[Opening Records to use section]
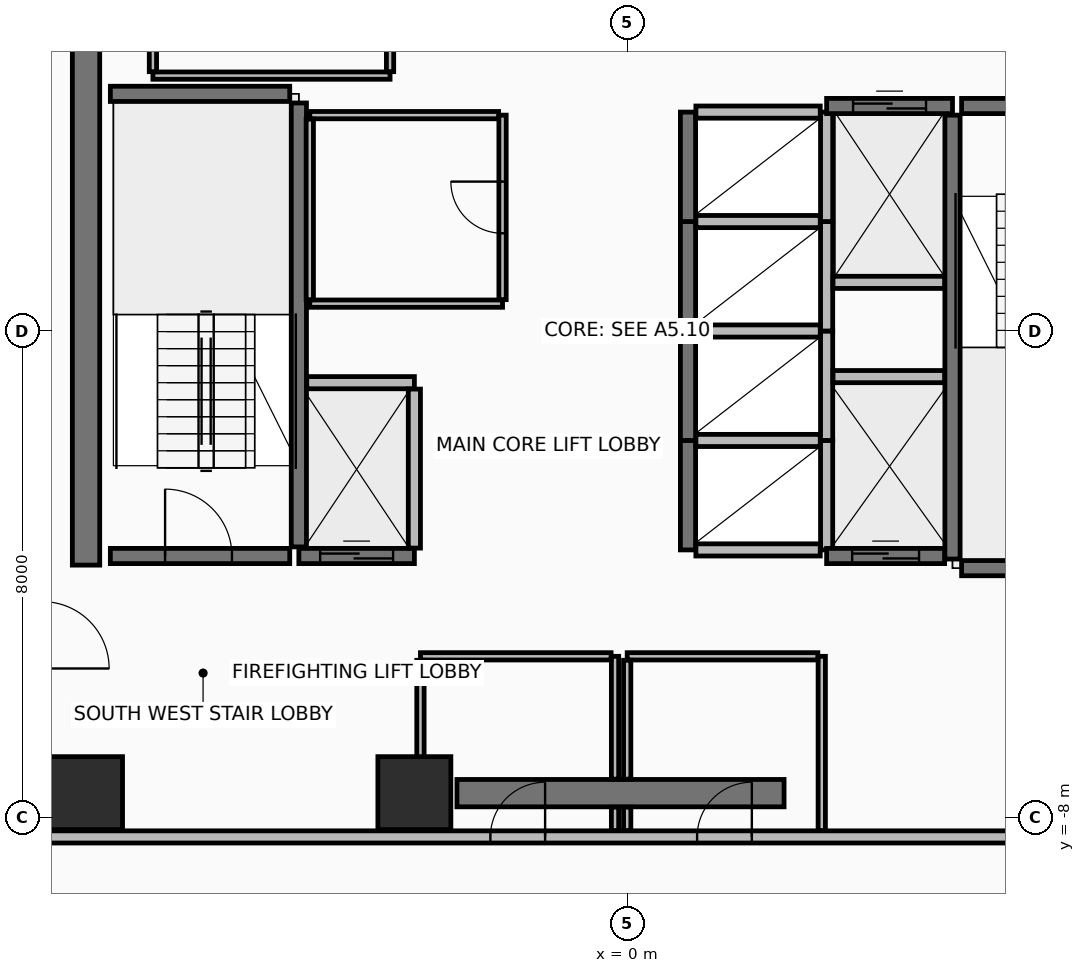
"""IFC4 building model, lengths in metres.
Left out: names, types, materials, properties, quantities, classifications, styles, units other than length and angle.
Written with IfcOpenShell. Run it as: python <this file> out.ifc"""

import sys

from ifc_helpers import new_model, si_unit, direction, frame, frame_2d, origin, origin_2d, place, context, subcontext, project, spatial, rectangle, extrude, element, fill, save


model = new_model("IFC4")
c1 = context("Model", 3, precision=1e-05, world=origin(), true_north=direction((0.0, 1.0)))
c2 = subcontext(c1, "Body", "Model", "MODEL_VIEW")
j1 = project(units=[si_unit("LENGTHUNIT", "METRE"), si_unit("PLANEANGLEUNIT", "RADIAN")], contexts=[c1])
p1 = place(None, origin())
s1 = spatial("IfcSite", under=j1, at=p1, CompositionType="ELEMENT")
p2 = place(p1, origin())
s2 = spatial("IfcBuilding", under=s1, at=p2, CompositionType="ELEMENT")
p3 = place(p2, frame((0.0, 0.0, 211.25)))
s3 = spatial("IfcBuildingStorey", under=s2, at=p3, CompositionType="ELEMENT", Elevation=211.25)
for number, where, z_axis, x_axis in (
    (1, (-8.9, -7.6, 0.0), (0.0, 0.0, 1.0), (1.0, 0.0, 0.0)),
    (2, (-3.5, -7.6, 0.0), (0.0, 0.0, 1.0), (1.0, 0.0, 0.0)),
):
    element("IfcColumn", number, at=place(p3, frame(where, z_axis=z_axis, x_axis=x_axis)), inside=s3, PredefinedType="COLUMN", context=c2, shape_type="SweptSolid", body=[
        extrude(rectangle(XDim=1.2, YDim=1.2, at=origin_2d()), origin(), (0.0, 0.0, 1.0), 3.6),
    ])
p4 = place(p3, frame((-2.8, -7.6, 0.0), z_axis=(0.0, 0.0, 1.0), x_axis=(1.0, 0.0, 0.0)))
e3 = element("IfcWall", 3, at=p4, inside=s3, PredefinedType="SHEAR", context=c2, shape_type="SweptSolid", body=[
    extrude(rectangle(XDim=5.38, YDim=0.45, at=frame_2d((2.69, 0.0))), origin(), (0.0, 0.0, 1.0), 3.42),
])
p5 = place(p3, frame((-8.9, -3.85, 0.0), z_axis=(0.0, 0.0, 1.0), x_axis=(0.0, 1.0, 0.0)))
e4 = element("IfcWall", 4, at=p5, inside=s3, PredefinedType="SHEAR", context=c2, shape_type="SweptSolid", body=[
    extrude(rectangle(XDim=10.7, YDim=0.45, at=frame_2d((5.35, 0.0))), origin(), (0.0, 0.0, 1.0), 3.42),
])
p6 = place(p3, frame((-9.62, -8.32, 0.0), z_axis=(0.0, 0.0, 1.0), x_axis=(1.0, 0.0, 0.0)))
e5 = element("IfcWall", 5, at=p6, inside=s3, PredefinedType="PARTITIONING", context=c2, shape_type="SweptSolid", body=[
    extrude(rectangle(XDim=19.24, YDim=0.2, at=frame_2d((9.62, 0.0))), origin(), (0.0, 0.0, 1.0), 2.865),
])
p7 = place(p6, frame((7.37, 0.0, 0.0)))
e6 = element("IfcOpeningElement", 6, at=p7, cuts=e5, PredefinedType="OPENING", context=c2, shape_type="SweptSolid", body=[
    extrude(rectangle(XDim=0.9, YDim=2.1, at=frame_2d((0.45, 1.05))), frame((0.0, 0.11, 0.0), z_axis=(0.0, -1.0, 0.0), x_axis=(1.0, 0.0, 0.0)), (0.0, 0.0, 1.0), 0.22),
])
p8 = place(p6, frame((10.77, 0.0, 0.0)))
e7 = element("IfcOpeningElement", 7, at=p8, cuts=e5, PredefinedType="OPENING", context=c2, shape_type="SweptSolid", body=[
    extrude(rectangle(XDim=0.9, YDim=2.1, at=frame_2d((0.45, 1.05))), frame((0.0, 0.11, 0.0), z_axis=(0.0, -1.0, 0.0), x_axis=(1.0, 0.0, 0.0)), (0.0, 0.0, 1.0), 0.22),
])
p9 = place(p3, frame((-5.4, -3.55, 0.0), z_axis=(0.0, 0.0, 1.0), x_axis=(0.0, 1.0, 0.0)))
e8 = element("IfcWall", 8, at=p9, inside=s3, PredefinedType="SHEAR", context=c2, shape_type="SweptSolid", body=[
    extrude(rectangle(XDim=7.3, YDim=0.25, at=frame_2d((3.65, 0.0))), origin(), (0.0, 0.0, 1.0), 3.42),
])
p10 = place(p3, frame((-8.5, -3.7, 0.0), z_axis=(0.0, 0.0, 1.0), x_axis=(1.0, 0.0, 0.0)))
e9 = element("IfcWall", 9, at=p10, inside=s3, PredefinedType="SHEAR", context=c2, shape_type="SweptSolid", body=[
    extrude(rectangle(XDim=2.95, YDim=0.25, at=frame_2d((1.475, 0.0))), origin(), (0.0, 0.0, 1.0), 3.42),
])
p11 = place(p10, frame((0.9, 0.0, 0.0)))
e10 = element("IfcOpeningElement", 10, at=p11, cuts=e9, PredefinedType="OPENING", context=c2, shape_type="SweptSolid", body=[
    extrude(rectangle(XDim=1.1, YDim=2.15, at=frame_2d((0.55, 1.075))), frame((0.0, 0.135, 0.0), z_axis=(0.0, -1.0, 0.0), x_axis=(1.0, 0.0, 0.0)), (0.0, 0.0, 1.0), 0.27),
])
p12 = place(p3, frame((-8.5, 3.9, 0.0), z_axis=(0.0, 0.0, 1.0), x_axis=(1.0, 0.0, 0.0)))
e11 = element("IfcWall", 11, at=p12, inside=s3, PredefinedType="SHEAR", context=c2, shape_type="SweptSolid", body=[
    extrude(rectangle(XDim=2.95, YDim=0.25, at=frame_2d((1.475, 0.0))), origin(), (0.0, 0.0, 1.0), 3.42),
])
p13 = place(p3, frame((5.35, -3.75, 0.0), z_axis=(0.0, 0.0, 1.0), x_axis=(0.0, 1.0, 0.0)))
e12 = element("IfcWall", 12, at=p13, inside=s3, PredefinedType="SHEAR", context=c2, shape_type="SweptSolid", body=[
    extrude(rectangle(XDim=7.3, YDim=0.25, at=frame_2d((3.65, 0.0))), origin(), (0.0, 0.0, 1.0), 3.42),
])
p14 = place(p3, frame((5.5, 3.7, 0.0), z_axis=(0.0, 0.0, 1.0), x_axis=(1.0, 0.0, 0.0)))
e13 = element("IfcWall", 13, at=p14, inside=s3, PredefinedType="SHEAR", context=c2, shape_type="SweptSolid", body=[
    extrude(rectangle(XDim=3.0, YDim=0.25, at=frame_2d((1.5, 0.0))), origin(), (0.0, 0.0, 1.0), 3.42),
])
p15 = place(p14, frame((0.95, 0.0, 0.0)))
e14 = element("IfcOpeningElement", 14, at=p15, cuts=e13, PredefinedType="OPENING", context=c2, shape_type="SweptSolid", body=[
    extrude(rectangle(XDim=1.1, YDim=2.15, at=frame_2d((0.55, 1.075))), frame((0.0, 0.135, 0.0), z_axis=(0.0, -1.0, 0.0), x_axis=(1.0, 0.0, 0.0)), (0.0, 0.0, 1.0), 0.27),
])
p16 = place(p3, frame((5.5, -3.9, 0.0), z_axis=(0.0, 0.0, 1.0), x_axis=(1.0, 0.0, 0.0)))
e15 = element("IfcWall", 15, at=p16, inside=s3, PredefinedType="SHEAR", context=c2, shape_type="SweptSolid", body=[
    extrude(rectangle(XDim=3.0, YDim=0.25, at=frame_2d((1.5, 0.0))), origin(), (0.0, 0.0, 1.0), 3.42),
])
p17 = place(p3, frame((1.0, -3.6, 0.0), z_axis=(0.0, 0.0, 1.0), x_axis=(0.0, 1.0, 0.0)))
e16 = element("IfcWall", 16, at=p17, inside=s3, PredefinedType="SHEAR", context=c2, shape_type="SweptSolid", body=[
    extrude(rectangle(XDim=1.8, YDim=0.25, at=frame_2d((0.9, 0.0))), origin(), (0.0, 0.0, 1.0), 3.42),
])
p18 = place(p3, frame((3.28, -3.6, 0.0), z_axis=(0.0, 0.0, 1.0), x_axis=(0.0, 1.0, 0.0)))
e17 = element("IfcWall", 17, at=p18, inside=s3, PredefinedType="PARTITIONING", context=c2, shape_type="SweptSolid", body=[
    extrude(rectangle(XDim=1.8, YDim=0.2, at=frame_2d((0.9, 0.0))), origin(), (0.0, 0.0, 1.0), 3.42),
])
for number, where, z_axis, x_axis in (
    (18, (1.13, -3.6, 0.0), (0.0, 0.0, 1.0), (1.0, 0.0, 0.0)),
    (19, (1.13, -1.8, 0.0), (0.0, 0.0, 1.0), (1.0, 0.0, 0.0)),
):
    element("IfcWall", number, at=place(p3, frame(where, z_axis=z_axis, x_axis=x_axis)), inside=s3, PredefinedType="PARTITIONING", context=c2, shape_type="SweptSolid", body=[
        extrude(rectangle(XDim=2.045, YDim=0.2, at=frame_2d((1.022, 0.0))), origin(), (0.0, 0.0, 1.0), 3.42),
    ])
p19 = place(p3, frame((1.0, -1.8, 0.0), z_axis=(0.0, 0.0, 1.0), x_axis=(0.0, 1.0, 0.0)))
e20 = element("IfcWall", 20, at=p19, inside=s3, PredefinedType="SHEAR", context=c2, shape_type="SweptSolid", body=[
    extrude(rectangle(XDim=1.8, YDim=0.25, at=frame_2d((0.9, 0.0))), origin(), (0.0, 0.0, 1.0), 3.42),
])
p20 = place(p3, frame((3.28, -1.8, 0.0), z_axis=(0.0, 0.0, 1.0), x_axis=(0.0, 1.0, 0.0)))
e21 = element("IfcWall", 21, at=p20, inside=s3, PredefinedType="PARTITIONING", context=c2, shape_type="SweptSolid", body=[
    extrude(rectangle(XDim=1.8, YDim=0.2, at=frame_2d((0.9, 0.0))), origin(), (0.0, 0.0, 1.0), 3.42),
])
p21 = place(p3, frame((1.13, 0.0, 0.0), z_axis=(0.0, 0.0, 1.0), x_axis=(1.0, 0.0, 0.0)))
e22 = element("IfcWall", 22, at=p21, inside=s3, PredefinedType="PARTITIONING", context=c2, shape_type="SweptSolid", body=[
    extrude(rectangle(XDim=2.045, YDim=0.2, at=frame_2d((1.022, 0.0))), origin(), (0.0, 0.0, 1.0), 3.42),
])
p22 = place(p3, frame((1.0, 0.0, 0.0), z_axis=(0.0, 0.0, 1.0), x_axis=(0.0, 1.0, 0.0)))
e23 = element("IfcWall", 23, at=p22, inside=s3, PredefinedType="SHEAR", context=c2, shape_type="SweptSolid", body=[
    extrude(rectangle(XDim=1.8, YDim=0.25, at=frame_2d((0.9, 0.0))), origin(), (0.0, 0.0, 1.0), 3.42),
])
p23 = place(p3, frame((3.28, 0.0, 0.0), z_axis=(0.0, 0.0, 1.0), x_axis=(0.0, 1.0, 0.0)))
e24 = element("IfcWall", 24, at=p23, inside=s3, PredefinedType="PARTITIONING", context=c2, shape_type="SweptSolid", body=[
    extrude(rectangle(XDim=1.8, YDim=0.2, at=frame_2d((0.9, 0.0))), origin(), (0.0, 0.0, 1.0), 3.42),
])
p24 = place(p3, frame((1.13, 1.8, 0.0), z_axis=(0.0, 0.0, 1.0), x_axis=(1.0, 0.0, 0.0)))
e25 = element("IfcWall", 25, at=p24, inside=s3, PredefinedType="PARTITIONING", context=c2, shape_type="SweptSolid", body=[
    extrude(rectangle(XDim=2.045, YDim=0.2, at=frame_2d((1.022, 0.0))), origin(), (0.0, 0.0, 1.0), 3.42),
])
p25 = place(p3, frame((1.0, 1.8, 0.0), z_axis=(0.0, 0.0, 1.0), x_axis=(0.0, 1.0, 0.0)))
e26 = element("IfcWall", 26, at=p25, inside=s3, PredefinedType="SHEAR", context=c2, shape_type="SweptSolid", body=[
    extrude(rectangle(XDim=1.8, YDim=0.25, at=frame_2d((0.9, 0.0))), origin(), (0.0, 0.0, 1.0), 3.42),
])
p26 = place(p3, frame((3.28, 1.8, 0.0), z_axis=(0.0, 0.0, 1.0), x_axis=(0.0, 1.0, 0.0)))
e27 = element("IfcWall", 27, at=p26, inside=s3, PredefinedType="PARTITIONING", context=c2, shape_type="SweptSolid", body=[
    extrude(rectangle(XDim=1.8, YDim=0.2, at=frame_2d((0.9, 0.0))), origin(), (0.0, 0.0, 1.0), 3.42),
])
p27 = place(p3, frame((1.13, 3.6, 0.0), z_axis=(0.0, 0.0, 1.0), x_axis=(1.0, 0.0, 0.0)))
e28 = element("IfcWall", 28, at=p27, inside=s3, PredefinedType="PARTITIONING", context=c2, shape_type="SweptSolid", body=[
    extrude(rectangle(XDim=2.045, YDim=0.2, at=frame_2d((1.022, 0.0))), origin(), (0.0, 0.0, 1.0), 2.715),
])
p28 = place(p3, frame((-5.4, -3.7, 0.0), z_axis=(0.0, 0.0, 1.0), x_axis=(1.0, 0.0, 0.0)))
e29 = element("IfcWall", 29, at=p28, inside=s3, PredefinedType="SHEAR", context=c2, shape_type="SweptSolid", body=[
    extrude(rectangle(XDim=1.9, YDim=0.25, at=frame_2d((0.95, 0.0))), origin(), (0.0, 0.0, 1.0), 3.42),
])
p29 = place(p28, frame((0.35, 0.0, 0.0)))
e30 = element("IfcOpeningElement", 30, at=p29, cuts=e29, PredefinedType="OPENING", context=c2, shape_type="SweptSolid", body=[
    extrude(rectangle(XDim=1.2, YDim=2.2, at=frame_2d((0.6, 1.1))), frame((0.0, 0.135, 0.0), z_axis=(0.0, -1.0, 0.0), x_axis=(1.0, 0.0, 0.0)), (0.0, 0.0, 1.0), 0.27),
])
p30 = place(p3, frame((-5.27, -0.85, 0.0), z_axis=(0.0, 0.0, 1.0), x_axis=(1.0, 0.0, 0.0)))
e31 = element("IfcWall", 31, at=p30, inside=s3, PredefinedType="PARTITIONING", context=c2, shape_type="SweptSolid", body=[
    extrude(rectangle(XDim=1.77, YDim=0.2, at=frame_2d((0.885, 0.0))), origin(), (0.0, 0.0, 1.0), 3.42),
])
p31 = place(p3, frame((-3.5, -3.57, 0.0), z_axis=(0.0, 0.0, 1.0), x_axis=(0.0, 1.0, 0.0)))
e32 = element("IfcWall", 32, at=p31, inside=s3, PredefinedType="PARTITIONING", context=c2, shape_type="SweptSolid", body=[
    extrude(rectangle(XDim=2.615, YDim=0.2, at=frame_2d((1.308, 0.0))), origin(), (0.0, 0.0, 1.0), 3.42),
])
p32 = place(p3, frame((3.28, 3.7, 0.0), z_axis=(0.0, 0.0, 1.0), x_axis=(1.0, 0.0, 0.0)))
e33 = element("IfcWall", 33, at=p32, inside=s3, PredefinedType="SHEAR", context=c2, shape_type="SweptSolid", body=[
    extrude(rectangle(XDim=2.07, YDim=0.25, at=frame_2d((1.035, 0.0))), origin(), (0.0, 0.0, 1.0), 3.42),
])
p33 = place(p32, frame((0.435, 0.0, 0.0)))
e34 = element("IfcOpeningElement", 34, at=p33, cuts=e33, PredefinedType="OPENING", context=c2, shape_type="SweptSolid", body=[
    extrude(rectangle(XDim=1.2, YDim=2.2, at=frame_2d((0.6, 1.1))), frame((0.0, 0.135, 0.0), z_axis=(0.0, -1.0, 0.0), x_axis=(1.0, 0.0, 0.0)), (0.0, 0.0, 1.0), 0.27),
])
p34 = place(p3, frame((3.385, 0.8, 0.0), z_axis=(0.0, 0.0, 1.0), x_axis=(1.0, 0.0, 0.0)))
e35 = element("IfcWall", 35, at=p34, inside=s3, PredefinedType="PARTITIONING", context=c2, shape_type="SweptSolid", body=[
    extrude(rectangle(XDim=1.835, YDim=0.2, at=frame_2d((0.917, 0.0))), origin(), (0.0, 0.0, 1.0), 3.42),
])
p35 = place(p3, frame((3.28, -3.7, 0.0), z_axis=(0.0, 0.0, 1.0), x_axis=(1.0, 0.0, 0.0)))
e36 = element("IfcWall", 36, at=p35, inside=s3, PredefinedType="SHEAR", context=c2, shape_type="SweptSolid", body=[
    extrude(rectangle(XDim=1.94, YDim=0.25, at=frame_2d((0.97, 0.0))), origin(), (0.0, 0.0, 1.0), 3.42),
])
p36 = place(p35, frame((0.42, 0.0, 0.0)))
e37 = element("IfcOpeningElement", 37, at=p36, cuts=e36, PredefinedType="OPENING", context=c2, shape_type="SweptSolid", body=[
    extrude(rectangle(XDim=1.1, YDim=2.2, at=frame_2d((0.55, 1.1))), frame((0.0, 0.135, 0.0), z_axis=(0.0, -1.0, 0.0), x_axis=(1.0, 0.0, 0.0)), (0.0, 0.0, 1.0), 0.27),
])
p37 = place(p3, frame((3.385, -0.75, 0.0), z_axis=(0.0, 0.0, 1.0), x_axis=(1.0, 0.0, 0.0)))
e38 = element("IfcWall", 38, at=p37, inside=s3, PredefinedType="PARTITIONING", context=c2, shape_type="SweptSolid", body=[
    extrude(rectangle(XDim=1.835, YDim=0.2, at=frame_2d((0.917, 0.0))), origin(), (0.0, 0.0, 1.0), 3.42),
])
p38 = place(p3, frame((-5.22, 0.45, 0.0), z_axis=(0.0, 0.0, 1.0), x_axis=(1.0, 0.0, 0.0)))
[Closing Records to use section]
* Exercise description *
Go through the entries and filter for lines holding the word "number"; copy each match.

* Answer box *
for number, where, z_axis, x_axis in (
    element("IfcColumn", number, at=place(p3, frame(where, z_axis=z_axis, x_axis=x_axis)), inside=s3, PredefinedType="COLUMN", context=c2, shape_type="SweptSolid", body=[
for number, where, z_axis, x_axis in (
    element("IfcWall", number, at=place(p3, frame(where, z_axis=z_axis, x_axis=x_axis)), inside=s3, PredefinedType="PARTITIONING", context=c2, shape_type="SweptSolid", body=[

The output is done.